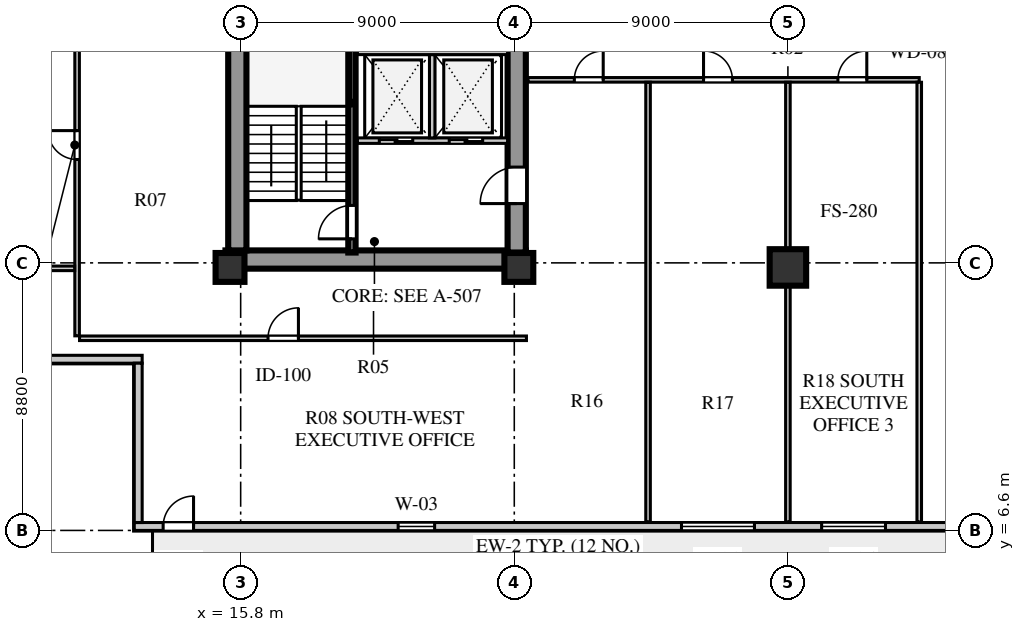
"""IFC4 building model, lengths in metres.
Left out: names, types, materials, properties, quantities, classifications, styles, units other than length and angle.
Written with IfcOpenShell. Run it as: python <this file> out.ifc"""

import sys

from ifc_helpers import new_model, si_unit, direction, frame, frame_2d, origin, origin_2d, place, context, subcontext, project, spatial, rectangle, extrude, element, fill, save


model = new_model("IFC4")
c1 = context("Model", 3, precision=1e-05, world=origin(), true_north=direction((0.0, 1.0)))
c2 = subcontext(c1, "Body", "Model", "MODEL_VIEW")
j1 = project(units=[si_unit("LENGTHUNIT", "METRE"), si_unit("PLANEANGLEUNIT", "RADIAN")], contexts=[c1])
p1 = place(None, origin())
s1 = spatial("IfcSite", under=j1, at=p1, CompositionType="ELEMENT")
p2 = place(p1, origin())
s2 = spatial("IfcBuilding", under=s1, at=p2, CompositionType="ELEMENT")
p3 = place(p2, frame((0.0, 0.0, 50.0)))
s3 = spatial("IfcBuildingStorey", under=s2, at=p3, CompositionType="ELEMENT", Elevation=50.0)
p4 = place(p3, frame((15.3, 15.51, 0.0), z_axis=(0.0, 0.0, 1.0), x_axis=(1.0, 0.0, 0.0)))
e1 = element("IfcWall", 1, at=p4, inside=s3, PredefinedType="SHEAR", context=c2, shape_type="SweptSolid", body=[
    extrude(rectangle(XDim=9.88, YDim=0.6, at=frame_2d((4.94, 0.0))), origin(), (0.0, 0.0, 1.0), 3.72),
])
p5 = place(p3, frame((15.69, 15.81, 0.0), z_axis=(0.0, 0.0, 1.0), x_axis=(0.0, 1.0, 0.0)))
e2 = element("IfcWall", 2, at=p5, inside=s3, PredefinedType="SHEAR", context=c2, shape_type="SweptSolid", body=[
    extrude(rectangle(XDim=25.63, YDim=0.6, at=frame_2d((12.815, 0.0))), origin(), (0.0, 0.0, 1.0), 3.72),
])
p6 = place(p3, frame((24.88, 15.74, 0.0), z_axis=(0.0, 0.0, 1.0), x_axis=(0.0, 1.0, 0.0)))
e3 = element("IfcWall", 3, at=p6, inside=s3, PredefinedType="SHEAR", context=c2, shape_type="SweptSolid", body=[
    extrude(rectangle(XDim=25.76, YDim=0.6, at=frame_2d((12.88, 0.0))), origin(), (0.0, 0.0, 1.0), 3.72),
])
p7 = place(p6, frame((1.61, 0.0, 0.0)))
e4 = element("IfcOpeningElement", 4, at=p7, cuts=e3, PredefinedType="OPENING", context=c2, shape_type="SweptSolid", body=[
    extrude(rectangle(XDim=1.2, YDim=2.1, at=frame_2d((0.6, 1.05))), frame((0.0, 0.31, 0.0), z_axis=(0.0, -1.0, 0.0), x_axis=(1.0, 0.0, 0.0)), (0.0, 0.0, 1.0), 0.62),
])
p8 = place(p6, frame((6.78, 0.0, 0.0)))
e5 = element("IfcOpeningElement", 5, at=p8, cuts=e3, PredefinedType="OPENING", context=c2, shape_type="SweptSolid", body=[
    extrude(rectangle(XDim=0.85, YDim=2.06, at=frame_2d((0.425, 1.03))), frame((0.0, 0.31, 0.0), z_axis=(0.0, -1.0, 0.0), x_axis=(1.0, 0.0, 0.0)), (0.0, 0.0, 1.0), 0.62),
])
p9 = place(p6, frame((12.11, 0.0, 0.0)))
e6 = element("IfcOpeningElement", 6, at=p9, cuts=e3, PredefinedType="OPENING", context=c2, shape_type="SweptSolid", body=[
    extrude(rectangle(XDim=1.5, YDim=2.12, at=frame_2d((0.75, 1.06))), frame((0.0, 0.31, 0.0), z_axis=(0.0, -1.0, 0.0), x_axis=(1.0, 0.0, 0.0)), (0.0, 0.0, 1.0), 0.62),
])
p10 = place(p6, frame((20.11, 0.0, 0.0)))
e7 = element("IfcOpeningElement", 7, at=p10, cuts=e3, PredefinedType="OPENING", context=c2, shape_type="SweptSolid", body=[
    extrude(rectangle(XDim=1.2, YDim=2.12, at=frame_2d((0.6, 1.06))), frame((0.0, 0.31, 0.0), z_axis=(0.0, -1.0, 0.0), x_axis=(1.0, 0.0, 0.0)), (0.0, 0.0, 1.0), 0.62),
])
p11 = place(p6, frame((24.01, 0.0, 0.0)))
e8 = element("IfcOpeningElement", 8, at=p11, cuts=e3, PredefinedType="OPENING", context=c2, shape_type="SweptSolid", body=[
    extrude(rectangle(XDim=0.95, YDim=2.1, at=frame_2d((0.475, 1.05))), frame((0.0, 0.31, 0.0), z_axis=(0.0, -1.0, 0.0), x_axis=(1.0, 0.0, 0.0)), (0.0, 0.0, 1.0), 0.62),
])
for number, where, z_axis, x_axis in (
    (9, (15.45, 15.25, 0.0), (0.0, 0.0, 1.0), (1.0, 0.0, 0.0)),
    (10, (24.95, 15.25, 0.0), (0.0, 0.0, 1.0), (1.0, 0.0, 0.0)),
):
    element("IfcColumn", number, at=place(p3, frame(where, z_axis=z_axis, x_axis=x_axis)), inside=s3, PredefinedType="COLUMN", context=c2, shape_type="SweptSolid", body=[
        extrude(rectangle(XDim=0.95, YDim=0.95, at=origin_2d()), origin(), (0.0, 0.0, 1.0), 3.72),
    ])
p12 = place(p3, frame((33.8, 15.25, 0.0), z_axis=(0.0, 0.0, 1.0), x_axis=(1.0, 0.0, 0.0)))
e11 = element("IfcColumn", 11, at=p12, inside=s3, PredefinedType="COLUMN", context=c2, shape_type="SweptSolid", body=[
    extrude(rectangle(XDim=1.2, YDim=1.2, at=origin_2d()), origin(), (0.0, 0.0, 1.0), 3.72),
])
p13 = place(p3, frame((12.3, 6.73, 0.0), z_axis=(0.0, 0.0, 1.0), x_axis=(1.0, 0.0, 0.0)))
e12 = element("IfcWall", 12, at=p13, inside=s3, PredefinedType="SOLIDWALL", context=c2, shape_type="SweptSolid", body=[
    extrude(rectangle(XDim=34.0, YDim=0.26, at=frame_2d((17.0, 0.0))), origin(), (0.0, 0.0, 1.0), 3.72),
])
p14 = place(p13, frame((0.95, 0.0, 0.0)))
e13 = element("IfcOpeningElement", 13, at=p14, cuts=e12, PredefinedType="OPENING", context=c2, shape_type="SweptSolid", body=[
    extrude(rectangle(XDim=1.0, YDim=2.05, at=frame_2d((0.5, 1.025))), frame((0.0, 0.14, 0.0), z_axis=(0.0, -1.0, 0.0), x_axis=(1.0, 0.0, 0.0)), (0.0, 0.0, 1.0), 0.28),
])
p15 = place(p13, frame((8.68, 0.0, 0.8)))
e14 = element("IfcOpeningElement", 14, at=p15, cuts=e12, PredefinedType="OPENING", context=c2, shape_type="SweptSolid", body=[
    extrude(rectangle(XDim=1.2, YDim=1.75, at=frame_2d((0.6, 0.875))), frame((0.0, 0.14, 0.0), z_axis=(0.0, -1.0, 0.0), x_axis=(1.0, 0.0, 0.0)), (0.0, 0.0, 1.0), 0.28),
])
p16 = place(p13, frame((18.0, 0.0, 0.8)))
e15 = element("IfcOpeningElement", 15, at=p16, cuts=e12, PredefinedType="OPENING", context=c2, shape_type="SweptSolid", body=[
    extrude(rectangle(XDim=2.4, YDim=2.05, at=frame_2d((1.2, 1.025))), frame((0.0, 0.14, 0.0), z_axis=(0.0, -1.0, 0.0), x_axis=(1.0, 0.0, 0.0)), (0.0, 0.0, 1.0), 0.28),
])
p17 = place(p13, frame((22.61, 0.0, 0.8)))
e16 = element("IfcOpeningElement", 16, at=p17, cuts=e12, PredefinedType="OPENING", context=c2, shape_type="SweptSolid", body=[
    extrude(rectangle(XDim=2.1, YDim=1.95, at=frame_2d((1.05, 0.975))), frame((0.0, 0.14, 0.0), z_axis=(0.0, -1.0, 0.0), x_axis=(1.0, 0.0, 0.0)), (0.0, 0.0, 1.0), 0.28),
])
p18 = place(p13, frame((29.18, 0.0, 0.8)))
e17 = element("IfcOpeningElement", 17, at=p18, cuts=e12, PredefinedType="OPENING", context=c2, shape_type="SweptSolid", body=[
    extrude(rectangle(XDim=1.35, YDim=1.9, at=frame_2d((0.675, 0.95))), frame((0.0, 0.14, 0.0), z_axis=(0.0, -1.0, 0.0), x_axis=(1.0, 0.0, 0.0)), (0.0, 0.0, 1.0), 0.28),
])
p19 = place(p3, frame((6.8, 12.23, 0.0), z_axis=(0.0, 0.0, 1.0), x_axis=(1.0, 0.0, 0.0)))
e18 = element("IfcWall", 18, at=p19, inside=s3, PredefinedType="SOLIDWALL", context=c2, shape_type="SweptSolid", body=[
    extrude(rectangle(XDim=5.76, YDim=0.26, at=frame_2d((2.88, 0.0))), origin(), (0.0, 0.0, 1.0), 3.72),
])
p20 = place(p3, frame((12.43, 12.1, 0.0), z_axis=(0.0, 0.0, 1.0), x_axis=(0.0, -1.0, 0.0)))
e19 = element("IfcWall", 19, at=p20, inside=s3, PredefinedType="SOLIDWALL", context=c2, shape_type="SweptSolid", body=[
    extrude(rectangle(XDim=5.24, YDim=0.26, at=frame_2d((2.62, 0.0))), origin(), (0.0, 0.0, 1.0), 3.72),
])
p21 = place(p3, frame((19.46, 15.74, 0.0), z_axis=(0.0, 0.0, 1.0), x_axis=(0.0, 1.0, 0.0)))
e20 = element("IfcWall", 20, at=p21, inside=s3, PredefinedType="SHEAR", context=c2, shape_type="SweptSolid", body=[
    extrude(rectangle(XDim=8.2, YDim=0.24, at=frame_2d((4.1, 0.0))), origin(), (0.0, 0.0, 1.0), 4.0),
])
p22 = place(p21, frame((0.45, 0.0, 0.0)))
e21 = element("IfcOpeningElement", 21, at=p22, cuts=e20, PredefinedType="OPENING", context=c2, shape_type="SweptSolid", body=[
    extrude(rectangle(XDim=1.1, YDim=2.1, at=frame_2d((0.55, 1.05))), frame((0.0, 0.13, 0.0), z_axis=(0.0, -1.0, 0.0), x_axis=(1.0, 0.0, 0.0)), (0.0, 0.0, 1.0), 0.26),
])
p23 = place(p3, frame((19.64, 19.42, 0.0), z_axis=(0.0, 0.0, 1.0), x_axis=(1.0, 0.0, 0.0)))
e22 = element("IfcWall", 22, at=p23, inside=s3, PredefinedType="SOLIDWALL", context=c2, shape_type="SweptSolid", body=[
    extrude(rectangle(XDim=4.94, YDim=0.18, at=frame_2d((2.47, 0.0))), origin(), (0.0, 0.0, 1.0), 3.72),
])
p24 = place(p23, frame((0.72, 0.0, 0.0)))
e23 = element("IfcOpeningElement", 23, at=p24, cuts=e22, PredefinedType="OPENING", context=c2, shape_type="SweptSolid", body=[
    extrude(rectangle(XDim=1.1, YDim=2.1, at=frame_2d((0.55, 1.05))), frame((0.0, 0.1, 0.0), z_axis=(0.0, -1.0, 0.0), x_axis=(1.0, 0.0, 0.0)), (0.0, 0.0, 1.0), 0.2),
])
p25 = place(p23, frame((3.02, 0.0, 0.0)))
e24 = element("IfcOpeningElement", 24, at=p25, cuts=e22, PredefinedType="OPENING", context=c2, shape_type="SweptSolid", body=[
    extrude(rectangle(XDim=1.1, YDim=2.1, at=frame_2d((0.55, 1.05))), frame((0.0, 0.1, 0.0), z_axis=(0.0, -1.0, 0.0), x_axis=(1.0, 0.0, 0.0)), (0.0, 0.0, 1.0), 0.2),
])
p26 = place(p3, frame((22.1, 19.51, 0.0), z_axis=(0.0, 0.0, 1.0), x_axis=(0.0, 1.0, 0.0)))
e25 = element("IfcWall", 25, at=p26, inside=s3, PredefinedType="SOLIDWALL", context=c2, shape_type="SweptSolid", body=[
    extrude(rectangle(XDim=2.74, YDim=0.18, at=frame_2d((1.37, 0.0))), origin(), (0.0, 0.0, 1.0), 3.72),
])
p27 = place(p3, frame((19.64, 22.34, 0.0), z_axis=(0.0, 0.0, 1.0), x_axis=(1.0, 0.0, 0.0)))
e26 = element("IfcWall", 26, at=p27, inside=s3, PredefinedType="SOLIDWALL", context=c2, shape_type="SweptSolid", body=[
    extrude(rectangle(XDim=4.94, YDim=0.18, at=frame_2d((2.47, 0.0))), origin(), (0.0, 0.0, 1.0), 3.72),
_ _ _ _
### WHAT NEEDS TO BE DONE
In the listing above, the lines from the one containing "p17 = place(p13, frame((22.61, 0.0, 0.8)))" through the one containing "p18 = place(p13, frame((29.18, 0.0, 0.8)))" must be set down exactly, with no other lines.

### ANSWER
p17 = place(p13, frame((22.61, 0.0, 0.8)))
e16 = element("IfcOpeningElement", 16, at=p17, cuts=e12, PredefinedType="OPENING", context=c2, shape_type="SweptSolid", body=[
    extrude(rectangle(XDim=2.1, YDim=1.95, at=frame_2d((1.05, 0.975))), frame((0.0, 0.14, 0.0), z_axis=(0.0, -1.0, 0.0), x_axis=(1.0, 0.0, 0.0)), (0.0, 0.0, 1.0), 0.28),
])
p18 = place(p13, frame((29.18, 0.0, 0.8)))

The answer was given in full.